## DATA PROVIDED
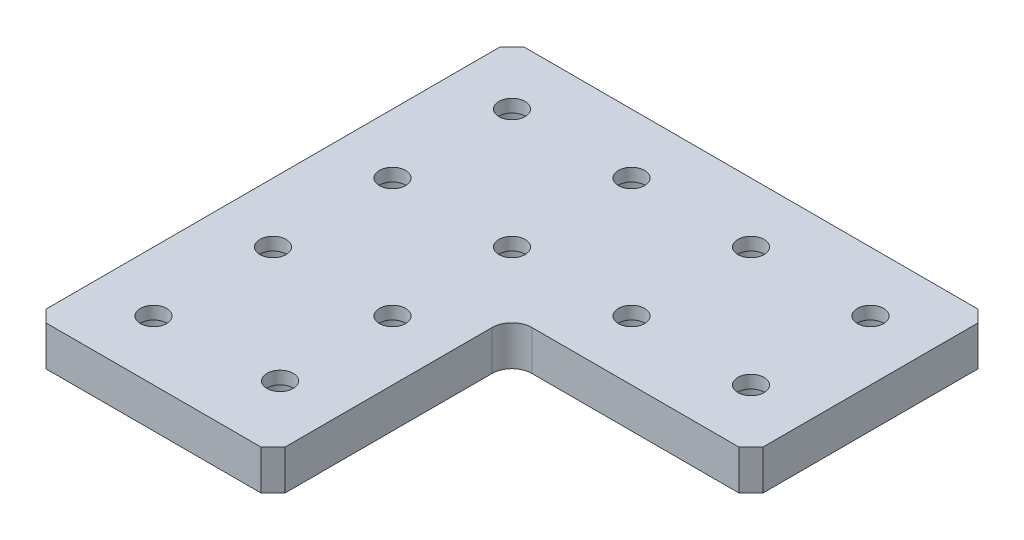
from build123d import *

# Parameters (mm, degrees)
SKETCH_1_W                = 120
SKETCH_1_H                = 120
EXTRUDE_1_DEPTH           = 10
SKETCH_2_W                = 60
SKETCH_2_H                = 60
CUT_EXTRUDE_1_DEPTH       = 25
CHAMFER_1_SIZE            = 3
FILLET_1_R                = 5
HOLE_WIZARD_1_D           = 6.6
HOLE_WIZARD_1_DEPTH       = 25
HOLE_WIZARD_1_CBORE_D     = 11
HOLE_WIZARD_1_CBORE_DEPTH = 6.8
HOLE_WIZARD_1_TIP         = 1.982840043


with BuildPart() as part:
    # 草图1 → 凸台-拉伸1 (new body)
    with BuildSketch(Plane(origin=(0, 0, 0), x_dir=(1, 0, 0), z_dir=(0, 1, 0))):
        Rectangle(SKETCH_1_W, SKETCH_1_H)
    extrude(amount=EXTRUDE_1_DEPTH)

    # 草图2 → 切除-拉伸1 (cut)
    with BuildSketch(Plane(origin=(0, 10, 0), x_dir=(1, 0, 0), z_dir=(0, 1, 0))):
        with Locations((30, -30)):
            Rectangle(SKETCH_2_W, SKETCH_2_H)
    extrude(amount=-CUT_EXTRUDE_1_DEPTH, mode=Mode.SUBTRACT)

    # 倒角1
    chamfer_1_edges = [part.edges().sort_by_distance(p)[0] for p in [
        (60, 5, 0),
        (0, 5, 60),
        (-60, 5, 60),
        (-60, 5, -60),
        (60, 5, -60),
    ]]
    chamfer(chamfer_1_edges, length=CHAMFER_1_SIZE)

    # 圆角1
    fillet_1_edges = [part.edges().sort_by_distance(p)[0] for p in [
        (0, 5, 0),
    ]]
    fillet(fillet_1_edges, radius=FILLET_1_R)

    # 打孔尺寸(%根据)内六角圆柱头螺钉的类型1
    with Locations(Plane(origin=(0, 0, 0), x_dir=(-1, 0, 0), z_dir=(0, -1, 0))):
        with Locations((45, 45), (45, 15), (15, 45), (15, 15), (-45, 45), (-45, 15), (45, -15), (45, -45), (15, -43.223897071), (15, -15), (-15, 45), (-15, 15)):
            CounterBoreHole(HOLE_WIZARD_1_D / 2, HOLE_WIZARD_1_CBORE_D / 2, HOLE_WIZARD_1_CBORE_DEPTH, depth=HOLE_WIZARD_1_DEPTH)
            with Locations((0, 0, -(HOLE_WIZARD_1_DEPTH + HOLE_WIZARD_1_TIP / 2))):  # 118° drill point
                Cone(0, HOLE_WIZARD_1_D / 2, HOLE_WIZARD_1_TIP, mode=Mode.SUBTRACT)


solid = part.part

## THE TASK
Copy the full listing above exactly, apart from the pictures.

## EXERCISE ANSWER
from build123d import *

# Parameters (mm, degrees)
SKETCH_1_W                = 120
SKETCH_1_H                = 120
EXTRUDE_1_DEPTH           = 10
SKETCH_2_W                = 60
SKETCH_2_H                = 60
CUT_EXTRUDE_1_DEPTH       = 25
CHAMFER_1_SIZE            = 3
FILLET_1_R                = 5
HOLE_WIZARD_1_D           = 6.6
HOLE_WIZARD_1_DEPTH       = 25
HOLE_WIZARD_1_CBORE_D     = 11
HOLE_WIZARD_1_CBORE_DEPTH = 6.8
HOLE_WIZARD_1_TIP         = 1.982840043


with BuildPart() as part:
    # 草图1 → 凸台-拉伸1 (new body)
    with BuildSketch(Plane(origin=(0, 0, 0), x_dir=(1, 0, 0), z_dir=(0, 1, 0))):
        Rectangle(SKETCH_1_W, SKETCH_1_H)
    extrude(amount=EXTRUDE_1_DEPTH)

    # 草图2 → 切除-拉伸1 (cut)
    with BuildSketch(Plane(origin=(0, 10, 0), x_dir=(1, 0, 0), z_dir=(0, 1, 0))):
        with Locations((30, -30)):
            Rectangle(SKETCH_2_W, SKETCH_2_H)
    extrude(amount=-CUT_EXTRUDE_1_DEPTH, mode=Mode.SUBTRACT)

    # 倒角1
    chamfer_1_edges = [part.edges().sort_by_distance(p)[0] for p in [
        (60, 5, 0),
        (0, 5, 60),
        (-60, 5, 60),
        (-60, 5, -60),
        (60, 5, -60),
    ]]
    chamfer(chamfer_1_edges, length=CHAMFER_1_SIZE)

    # 圆角1
    fillet_1_edges = [part.edges().sort_by_distance(p)[0] for p in [
        (0, 5, 0),
    ]]
    fillet(fillet_1_edges, radius=FILLET_1_R)

    # 打孔尺寸(%根据)内六角圆柱头螺钉的类型1
    with Locations(Plane(origin=(0, 0, 0), x_dir=(-1, 0, 0), z_dir=(0, -1, 0))):
        with Locations((45, 45), (45, 15), (15, 45), (15, 15), (-45, 45), (-45, 15), (45, -15), (45, -45), (15, -43.223897071), (15, -15), (-15, 45), (-15, 15)):
            CounterBoreHole(HOLE_WIZARD_1_D / 2, HOLE_WIZARD_1_CBORE_D / 2, HOLE_WIZARD_1_CBORE_DEPTH, depth=HOLE_WIZARD_1_DEPTH)
            with Locations((0, 0, -(HOLE_WIZARD_1_DEPTH + HOLE_WIZARD_1_TIP / 2))):  # 118° drill point
                Cone(0, HOLE_WIZARD_1_D / 2, HOLE_WIZARD_1_TIP, mode=Mode.SUBTRACT)


solid = part.part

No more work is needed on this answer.